GIVEN RECORDS
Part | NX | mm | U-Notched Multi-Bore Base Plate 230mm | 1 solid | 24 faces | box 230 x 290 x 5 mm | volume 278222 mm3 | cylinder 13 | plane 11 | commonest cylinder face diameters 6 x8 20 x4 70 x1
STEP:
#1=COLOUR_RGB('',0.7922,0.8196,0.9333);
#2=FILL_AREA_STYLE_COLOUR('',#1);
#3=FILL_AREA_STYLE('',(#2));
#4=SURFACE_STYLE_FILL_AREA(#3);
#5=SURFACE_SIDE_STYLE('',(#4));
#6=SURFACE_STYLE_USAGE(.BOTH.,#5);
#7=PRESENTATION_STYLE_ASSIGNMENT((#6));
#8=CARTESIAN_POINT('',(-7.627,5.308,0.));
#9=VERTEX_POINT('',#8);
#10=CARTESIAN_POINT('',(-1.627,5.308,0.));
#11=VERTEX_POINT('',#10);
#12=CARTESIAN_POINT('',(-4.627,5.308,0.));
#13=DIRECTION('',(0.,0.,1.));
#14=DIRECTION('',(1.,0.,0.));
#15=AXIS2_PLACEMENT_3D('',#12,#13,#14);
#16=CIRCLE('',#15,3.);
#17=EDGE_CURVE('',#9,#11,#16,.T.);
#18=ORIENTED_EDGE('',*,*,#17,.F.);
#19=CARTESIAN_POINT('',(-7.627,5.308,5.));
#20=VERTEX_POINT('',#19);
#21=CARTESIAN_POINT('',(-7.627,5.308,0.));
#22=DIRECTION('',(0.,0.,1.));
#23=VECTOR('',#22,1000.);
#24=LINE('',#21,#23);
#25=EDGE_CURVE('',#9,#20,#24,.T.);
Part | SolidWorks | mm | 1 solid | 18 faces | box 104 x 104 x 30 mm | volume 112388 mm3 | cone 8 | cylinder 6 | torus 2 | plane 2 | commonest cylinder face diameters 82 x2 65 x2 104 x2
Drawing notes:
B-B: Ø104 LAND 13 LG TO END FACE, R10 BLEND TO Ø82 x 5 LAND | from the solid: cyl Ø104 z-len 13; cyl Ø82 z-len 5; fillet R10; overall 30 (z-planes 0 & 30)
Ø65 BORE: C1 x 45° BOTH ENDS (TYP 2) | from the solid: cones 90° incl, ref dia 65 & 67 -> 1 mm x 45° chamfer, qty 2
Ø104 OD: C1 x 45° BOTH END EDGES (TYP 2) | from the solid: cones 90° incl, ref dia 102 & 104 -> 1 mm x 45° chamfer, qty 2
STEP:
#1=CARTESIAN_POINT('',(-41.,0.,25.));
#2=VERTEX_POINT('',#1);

WHAT THE EXERCISE ASKS
Provide only the count of lines in the records above that hold the word "commonest".

FINISHED EXERCISE
2